__TASK TO COMPLETE__:
From the data that follows, report how many lines hold the string "copper", giving only the number.

(Records from a dataset)

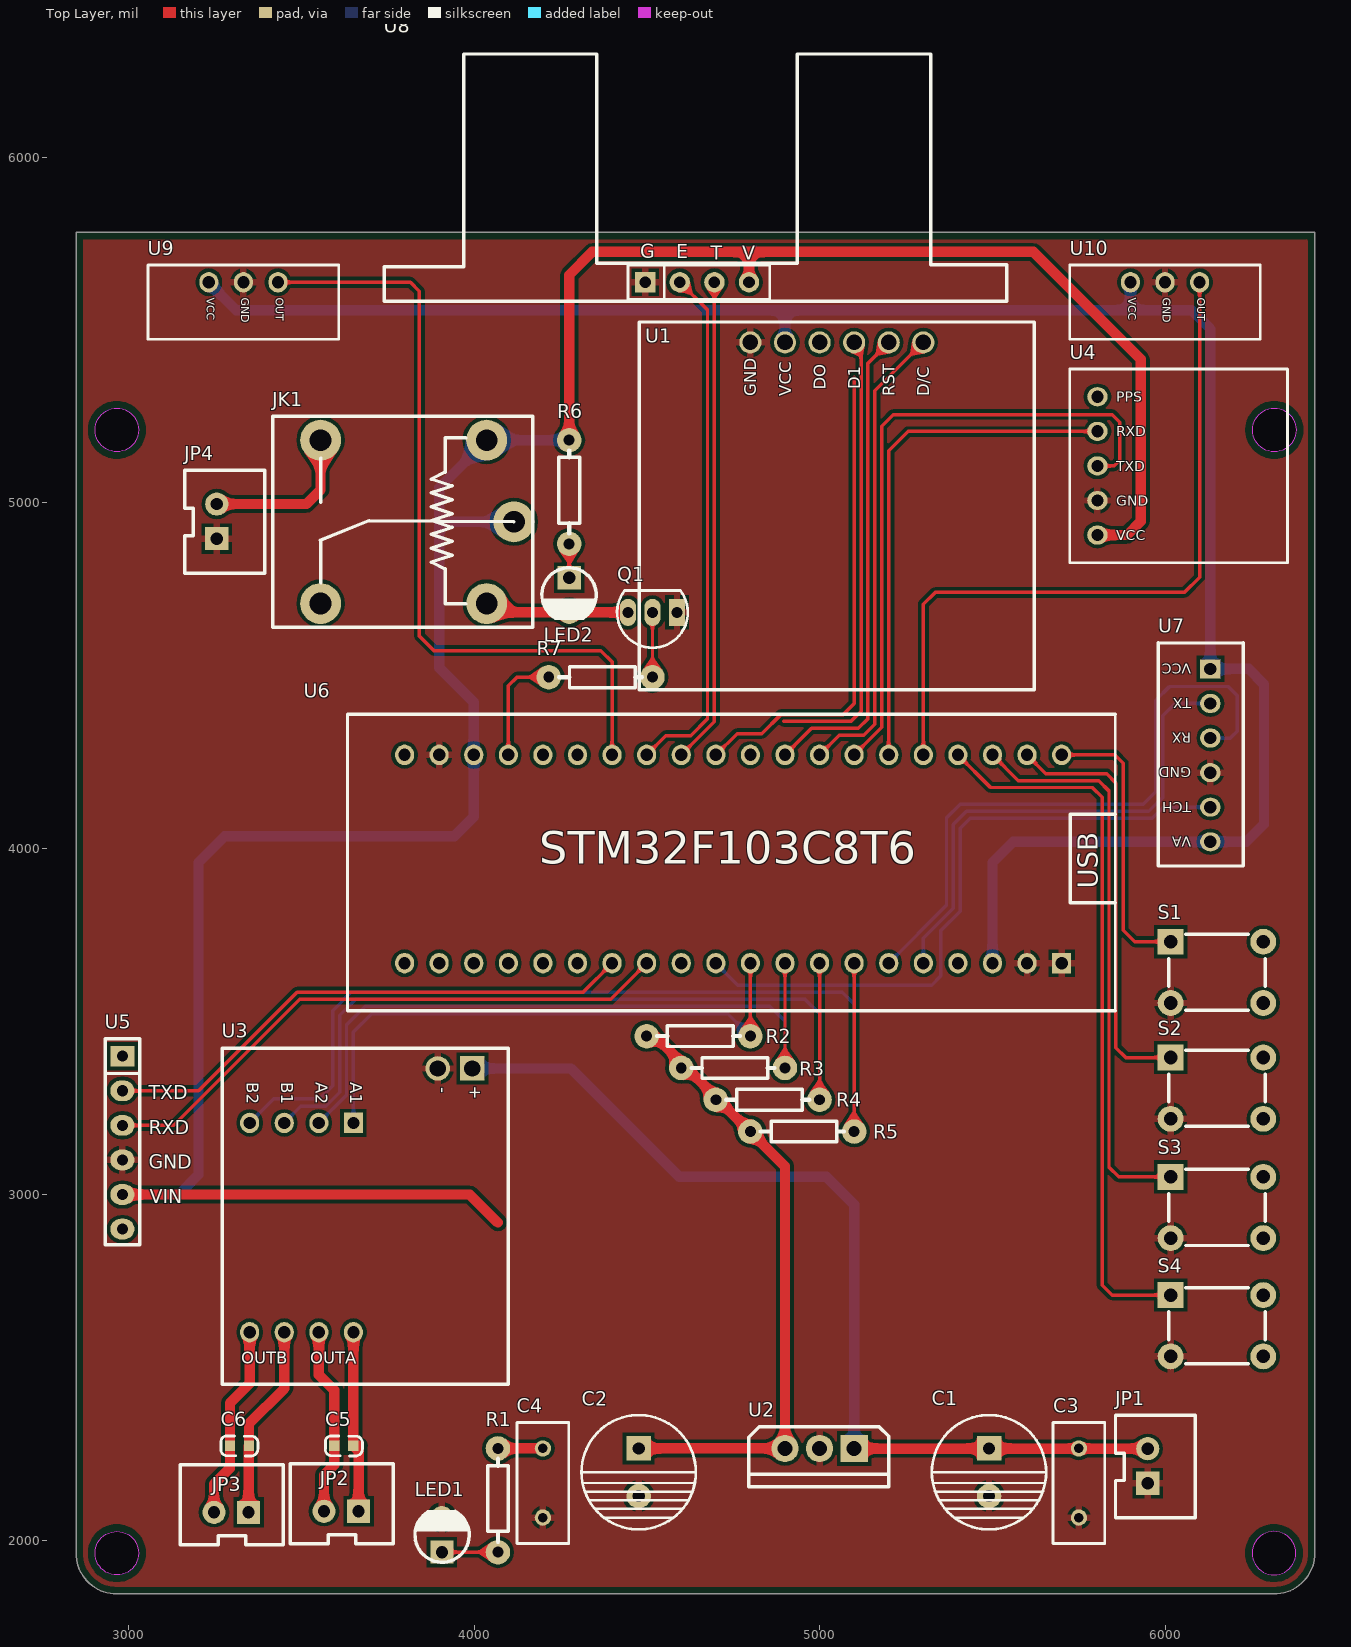
[diagram p0: Top Layer view]
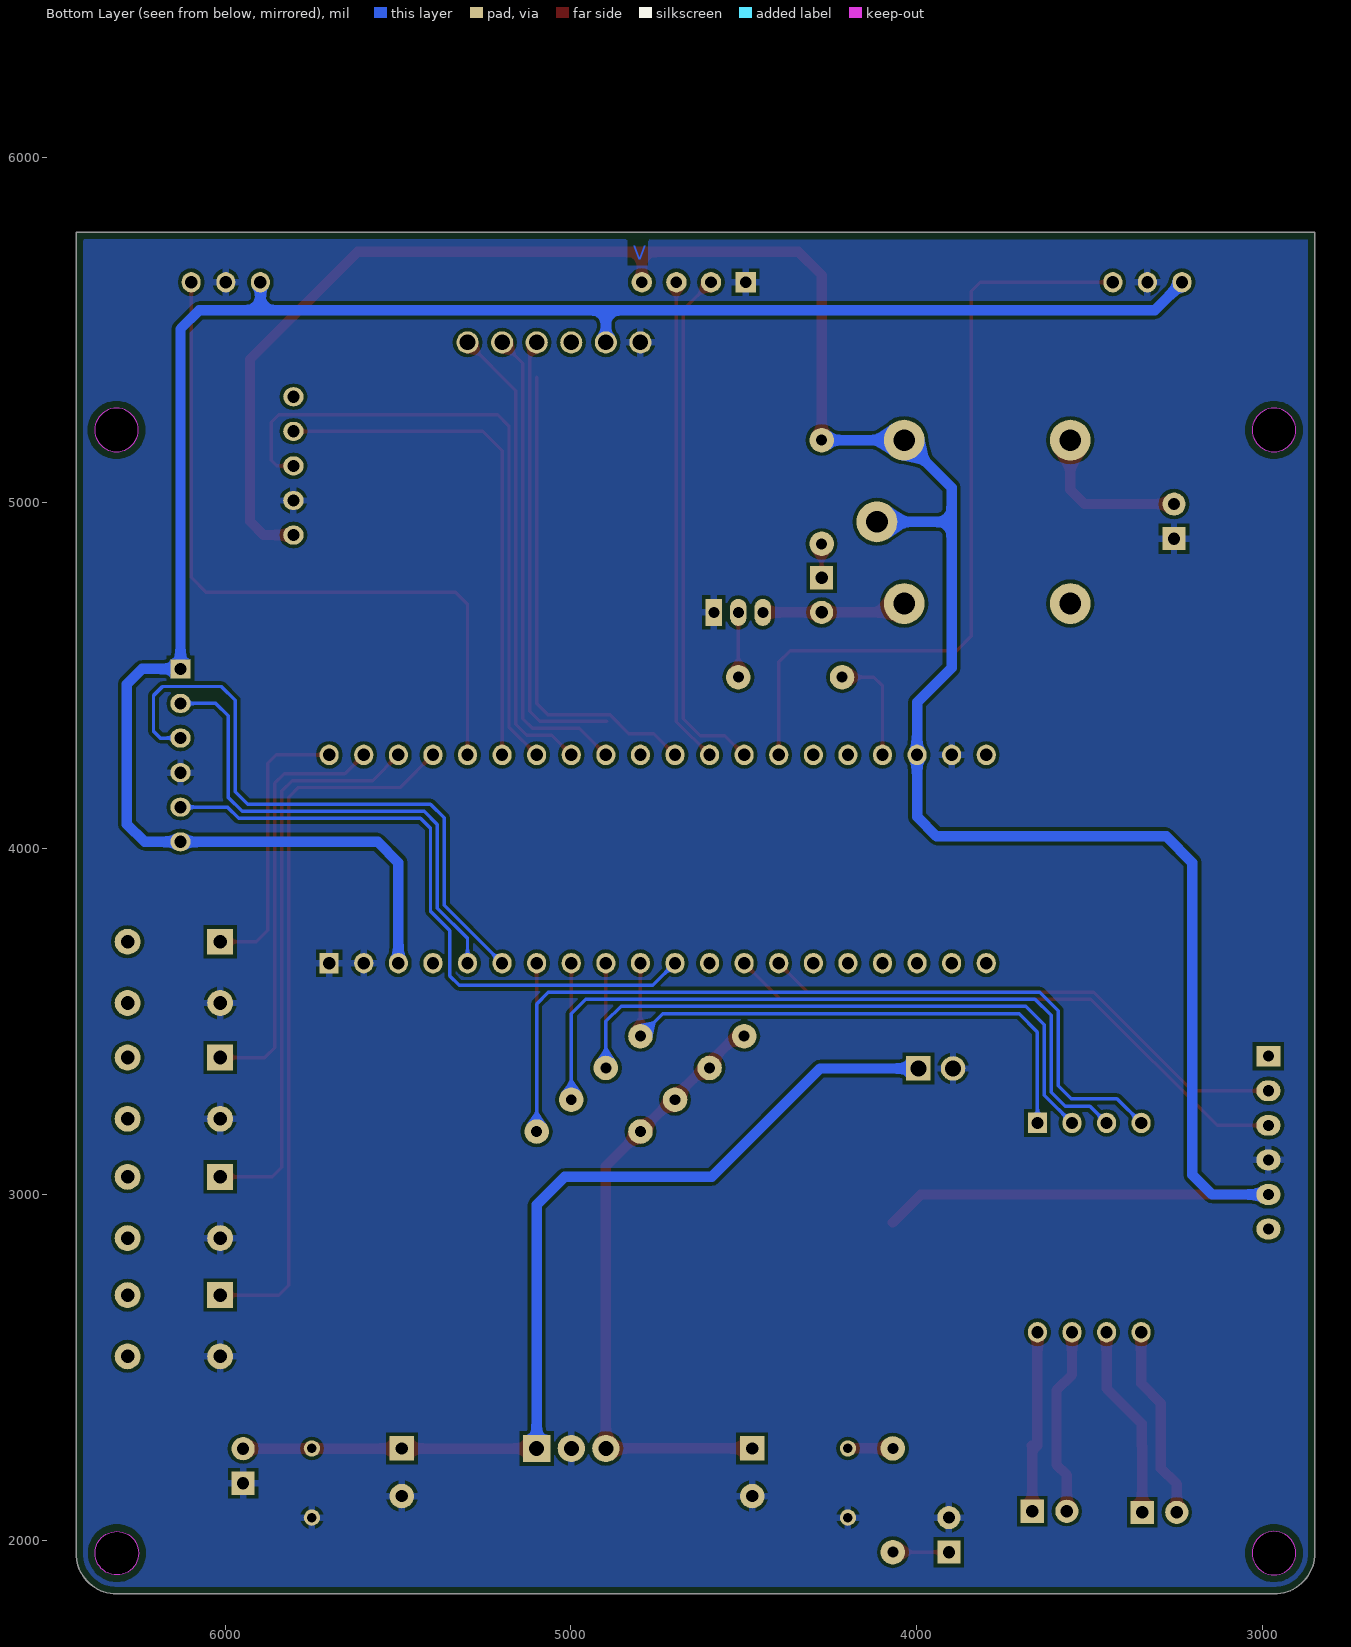
[diagram p1: Bottom Layer view, seen from below]
# Altium PCB MISC76356.PcbDoc
Units mil, origin at the board's own origin, x right, y up, seen from the top; angles counter-clockwise.
Board outline 3582.22 x 3937.22 mil, 2 copper layers (Top Layer, Bottom Layer); 35 components, 47 nets, 148 pads, 0 vias.
Unrouted connection lines stored in the file: 4.

## Layer stack, top to bottom (the 12.6 mil dielectric is the usual default, probably not edited)
Top Solder: solder mask 0.4, Solder Resist, Dk 3.5
Top Layer: signal copper 1.4
Dielectric 1: dielectric 12.6, FR-4, Dk 4.8
Bottom Layer: signal copper 1.4
Bottom Solder: solder mask 0.4, Solder Resist, Dk 3.5

## Board outline
2848.89,1963 ccw(c2967,1963) 2967,1844.89 6313,1844.89 ccw(c6313,1963) 6431.11,1963 6431.11,5782.11 2848.89,5781.99
cut-out: 6314,5148.04 cw(c6314,5211.03) 6251.01,5211.03 cw(c6314,5211.03) 6314,5274.02 cw(c6314,5211.03) 6376.99,5211.03 cw(c6314,5211.03)
cut-out: 2967,5148.04 cw(c2967,5211.03) 2904.01,5211.03 cw(c2967,5211.03) 2967,5274.02 cw(c2967,5211.03) 3029.99,5211.03 cw(c2967,5211.03)
cut-out: 6250.01,1963 ccw(c6313,1963) 6313,1900.01 ccw(c6313,1963) 6375.99,1963 ccw(c6313,1963) 6313,2025.99 ccw(c6313,1963)
cut-out: 2967,1900.01 cw(c2967,1963) 2904.01,1963 cw(c2967,1963) 2967,2025.99 cw(c2967,1963) 3029.99,1963 cw(c2967,1963)

## Design rules (kind name [scope] priority, off if disabled: settings)
BoardOutlineClearance [All] p1: gap=10 ignorepadtopadclearanceinfootprint=FALSE except(0: Arc-SplitContinuation Track-SplitContinuation SMDPad-SplitContinuation THPad-SplitContinuation Via-SplitContinuation Fill-SplitContinuation Poly-SplitContinuation Region-SplitContinuation Text-SplitContinuation; 20: Poly-OutlineEdge Poly-CavityEdge Poly-CutoutEdge Poly-SplitBarrior)
Clearance [All] p1: gap=10 ignorepadtopadclearanceinfootprint=FALSE except(0: Arc-Hole Track-Hole SMDPad-Hole THPad-Hole Via-Hole Fill-Hole Poly-Hole Region-Hole Text-Hole)
Height [All] p1: minheight=0 maxheight=4000 prefheight=500
PolygonConnect [All] p1: connectstyle=Relief reliefconductorwidth=20 reliefentries=4 polygonreliefangle="90 Angle" airgapwidth=10
RoutingVias [All] p1: holewidth=28 width=50 viastyle="Through Hole" minholewidth=28 minwidth=50 maxholewidth=28 maxwidth=50
SolderMaskExpansion [All] p1: expansion=4 istentingtop=FALSE
Width [All] p1: maxlimit=30 minlimit=10 preferedwidth=10
29 further rules are at their usual default settings.

## Components (designator, comment, footprint, x,y, rotation, side; value= is the part's Value field where it differs from the comment)
C1 "220uF/25V" DIP-EC3.5X8X11.5 5489,2265.8 r270 top value=100pF
C2 "220uF/25V" DIP-EC3.5X8X11.5 4476,2265.8 r270 top value=100pF
C3 "104" RAD-0.2 5749,2165.8 r90 top
C4 "104" RAD-0.2 4199,2165.8 r90 top
C5 "10uF" 0603C 3595.79,2274.35 r0 top
C6 "10uF" 0603C 3293.79,2274.35 r0 top
JK1 "SRD-05VDC-SL-C" SRD-C_B 4036.32,4709 r180 top
JP1 "2PIN" XH2.54-LI-2P 5948,2215 r90 top
JP2 "2PIN" XH2.54-LI-2P 3616,2084 r180 top
JP3 "2PIN" XH2.54-LI-2P 3298,2081 r180 top
JP4 "2PIN" XH2.54-LI-2P 3256,4946.62 r90 top
LED1 "LED" "LED 3MM-B" 3907,2015.8 r90 top
LED2 "LED" "LED 3MM-B" 4275,4733.41 r270 top
Q1 "9013" TO-92A 4586.73,4683.41 r180 top
R1 "1K" AXIAL0.3 4069,1965.8 r90 top
R2 "10K" AXIAL0.3 4499,3458 r0 top
R3 "10K" AXIAL0.3 4599,3366 r0 top
R4 "10K" AXIAL0.3 4699,3274 r0 top
R5 "10K" AXIAL0.3 4799,3182 r0 top
R6 "1K" AXIAL0.3 4275,4881.44 r90 top
R7 "10K" AXIAL0.3 4215.87,4496 r0 top
S1 "BUTTOM" DIP-6X6X5 6014.28,3731 r0 top
S2 "BUTTOM" DIP-6X6X5 6014.28,3396.17 r0 top
S3 "BUTTOM" DIP-6X6X5 6014.28,3051.17 r0 top
S4 "BUTTOM" DIP-6X6X5 6014.28,2709.17 r0 top
U1 "OLED-SPI" OLED-SPI 5049,5464 r0 top locked
U2 "LM7805" TO220A 4999,2265.8 r180 top
U3 "MX1508" 马达驱动芯片 3673.05,2983.12 r270 top
U4 "GPS module" GPS 5802.41,5107 r0 top
U5 "Header 6" "Pin HDR1X6/2.54mm-S" 2983,3400 r0 top
U6 "STM32F103" STM32FF103 4749,3970.18 r90 top
U7 "AS608" AS608 6129,4520 r180 top
U8 "HC-SR04" 超声波MODE 4645,5583 r0 top
U9 "IR pair" 火焰传感器 3333,5638 r270 top
U10 "IR pair" 火焰传感器 5998,5638 r270 top

## Footprints (in the part's own frame and the unit in brackets; to place one, negate y for a bottom-side part, rotate by r counter-clockwise, add the part's x,y. Pads: shape width x height; smd on the part's side, far side on the other; paste and mask are expansions set on the pad)
0603C [mil]
  rect 30x30 smd: 1(0.21,-0.35) 2(55.21,-1.35)
  silkscreen extent -26,-30 81,28, body extent -1,-15 62,17, height 12
AS608 [mm] "指纹模块"
  rect 1.5x1.4 hole 0.9: 1(0,0)
  oval 1.5x1.4 hole 0.9: 2(0,2.54) 3(0,5.08) 4(0,7.62) 5(0,10.16) 6(0,12.7)
  silkscreen extent -2.41,-1.91 3.81,14.48
AXIAL0.3 [mm]
  round 1.8 hole 0.8: 1(0,0) 2(7.62,0)
  silkscreen extent 0.76,-0.76 6.86,0.76, body extent -0.24,-1 7.86,1, height 1.25
DIP-6X6X5 [mm]
  rect 1.9x1.9 hole 1: 1(0,0)
  round 1.9 hole 1: 2(0,-4.5) 3(6.8,-4.5) 4(6.8,0)
  silkscreen extent -0.16,-5.04 6.96,0.54, body extent -0.8,-5.24 7.41,0.76, height 4.95
DIP-EC3.5X8X11.5 [mm]
  rect 1.8x1.8 hole 0.9: 1(0,0)
  round 1.8 hole 0.9: 2(3.5,0)
  silkscreen extent -2.45,-4.2 5.95,4.2, body extent -2.25,-4 5.75,4, height 11.53
GPS [mm]
  oval 1.5x1.4 hole 0.9: 1(0,5.08) 2(0,2.54) 3(0,0) 4(0,-2.54) 5(0,-5.08)
  silkscreen extent -2.03,-7.11 13.97,7.11, body extent -1.27,-6.35 1.27,6.35, height 8.5
"LED 3MM-B" [mm] "蓝色3mm直插LED"
  rect 1.7x1.7 hole 0.9: 1(-1.27,0)
  round 1.7 hole 0.9: 2(1.27,0)
  silkscreen extent -2.01,-2 1.72,1.98, body extent -1.95,-1.95 1.64,1.95, height 5.55
OLED-SPI [mil]
  round 64 hole 45: 1(-250,0) 2(-150,0) 3(-50,0) 4(50,0) 5(150,0) 6(250,0)
  silkscreen extent -571,-1004 571,59, body extent -300,-50 300,50, height 335
"Pin HDR1X6/2.54mm-S" [mil]
  rect 70x60 hole 32: 1(0,0)
  oval 70x60 hole 32: 2(0,-100) 3(0,-200) 4(0,-300) 5(0,-400) 6(0,-500)
  silkscreen extent -50,-545 50,50, body extent -50,-545 50,55, height 336
RAD-0.2 [mm] "Radial Cap, Thru-Hole; 2 Leads; 0.2 in Pin Spacing"
  round 1.2 hole 0.7: 1(-2.54,0) 2(2.54,0)
  silkscreen extent -4.45,-1.91 4.44,1.91
SRD-C_B [mm] "单刀双投"
  round 3 hole 1.6: 1(0,0) 2(0,-12) 3(-2,-6) 4(12.2,0) 5(12.2,-12)
  silkscreen extent -3.4,-13.75 15.7,1.75, body extent -3.33,-13.85 15.77,1.65, height 15.6
STM32FF103 [mm]
  rect 1.5x1.4 hole 0.9: 1(-7.65,-24.13)
  oval 1.5x1.4 hole 0.9: 2(-7.65,-21.59) 3(-7.65,-19.05) 4(-7.65,-16.51) 5(-7.65,-13.97) 6(-7.65,-11.43) 7(-7.65,-8.89) 8(-7.65,-6.35) 9(-7.65,-3.81) 10(-7.65,-1.27) 11(-7.65,1.27) 12(-7.65,3.81) 13(-7.65,6.35) 14(-7.65,8.89) 15(-7.65,11.43) 16(-7.65,13.97) 17(-7.65,16.51) 18(-7.65,19.05) 19(-7.65,21.59) 20(-7.65,24.13) 25(7.65,24.13) 26(7.65,21.59) 27(7.65,19.05) 28(7.65,16.51) 29(7.65,13.97) 30(7.65,11.43) 31(7.65,8.89) 32(7.65,6.35) 33(7.65,3.81) 34(7.65,1.27) 35(7.65,-1.27) 36(7.65,-3.81) 37(7.65,-6.35) 38(7.65,-8.89) 39(7.65,-11.43) 40(7.65,-13.97) 41(7.65,-16.51) 42(7.65,-19.05) 43(7.65,-21.59) 44(7.65,-24.13)
  silkscreen extent -11.15,-28.07 10.64,28.32, body extent -11.27,-26.99 11.23,31.65, height 20.7
TO220A [mm] "220，3脚晶体管"
  rect 2x2 hole 1.1: 1(-2.54,0)
  round 2 hole 1.1: 2(0,0) 3(2.54,0)
  silkscreen extent -5.08,-1.6 5.21,2.82, body extent -5.08,-1.45 5.22,2.98, height 18.5
TO-92A [mm]
  oval 1.2x2 hole 0.8: B(1.8,0) C(3.6,0)
  rect 1.2x2 hole 0.8: E(0,0)
  silkscreen extent -0.8,-1.6 4.4,2.6, body extent -0.5,-1.31 4.1,2.29, height 6.58
XH2.54-LI-2P [mm] "接插件，2P"
  rect 1.7x1.7 hole 0.9: 1(-1.27,0)
  round 1.7 hole 0.9: 2(1.27,0)
  silkscreen extent -3.81,-3.51 3.74,2.37, body extent -3.77,-3.3 3.77,2.4, height 7.05
火焰传感器 [mm]
  oval 1.5x1.4 hole 0.9: 1(0,-2.54) 2(0,0) 3(0,2.54)
  silkscreen extent -1.27,-7 4.19,7
超声波MODE [mm]
  rect 1.5x1.5 hole 0.85: 1(-3.81,1.397)
  round 1.5 hole 0.85: 2(-1.27,1.397) 3(1.27,1.397) 4(3.81,1.397)
  silkscreen extent -22.99,0 22.73,18.16, body extent -22.23,1.07 22.77,19.14, height 28.63
马达驱动芯片 [mm]
  rect 1.5x1.4 hole 0.9: 1(-5.687,-0.56)
  oval 1.5x1.4 hole 0.9: 2(-5.687,-3.1) 3(-5.686,-5.64) 4(-5.686,-8.18) 5(9.686,-8.18) 6(9.687,-5.64) 7(9.687,-3.1) 8(9.687,-0.56)
  rect 1.8x1.8 hole 1.2: 9(-9.687,8.18)
  round 1.8 hole 1.2: 10(-9.687,5.64)
  silkscreen extent -11.19,-10.18 13.51,10.82

## Part data
C1 C2: library part "Cap Pol2", "Polarized Capacitor (Axial)"
C3 C4 C5 C6: library part CAP, "non-polarized capacitor"
JK1: "5V single-group converter"
Q1: library part 2N3904, "NPN General Purpose Amplifier"
R1 R2 R3 R4 R5 R6 R7: library part RES, "resistor"
S1 S2 S3 S4: "push button"
U3: library part 马达驱动模块, "Motor driver module"
U4: library part GPS
U5: "Header, 6-Pin"
U7: library part 指纹模块
U8: library part 超声波MODE, "Ultrasonic module"
U9 U10: library part "Pin HDR1X3"

## Nets (pads, with @x,y where several pads share a name; then routed paths per layer and width w, separated by ;. In a path a pad name is that pad's centre, name@x,y a point inside that pad or via, vN(x,y) a via of type N, cw(c..) or ccw(c..) an arc to the next point about the centre after c; other vN are vias at no path point)
3V3: U1.2 U6.3 U6.25 U7.1 U7.6 U9.1 U10.1 | length 5810.3
  Bottom Layer w30: U9.1 3233,5636.03 3312.03,5557 4899,5557 ; U1.2 4899,5557 ; U6.3 5499,3960 5559,4020 U7.6 6233,4020 6284,4071 6284,4476 6240,4520 U7.1 6129,5503 6075,5557 5898,5557 ; U10.1 5898,5557 ; 4899,5557 5898,5557
5V: C2.1 C4.2 JK1.2 JK1.3 R1.2 R2.1 R3.1 R4.1 R5.1 R6.2 U2.3 U4.5 U5.5 U6.27 U8.4 | length 9670.6
  Top Layer w30: U5.5 3988,3000 4069,2919 ; R1.2 C4.2 ; R6.2 4275,5659 4342,5726 4795,5726 ; C2.1 U2.3 4899,3082 R5.1 4530.82,3450.18 4506.82,3450.18 R2.1 ; R3.1@4598.24,3365.24 R3.1 ; U8.4 4795,5726 ; U4.5 5888,4907 5928,4947 5928,5415 5617,5726 4795,5726
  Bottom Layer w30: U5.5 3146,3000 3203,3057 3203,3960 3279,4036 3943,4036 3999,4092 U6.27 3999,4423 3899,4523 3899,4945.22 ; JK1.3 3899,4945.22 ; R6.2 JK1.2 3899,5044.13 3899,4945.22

__ANSWER FOR THE TASK__:
3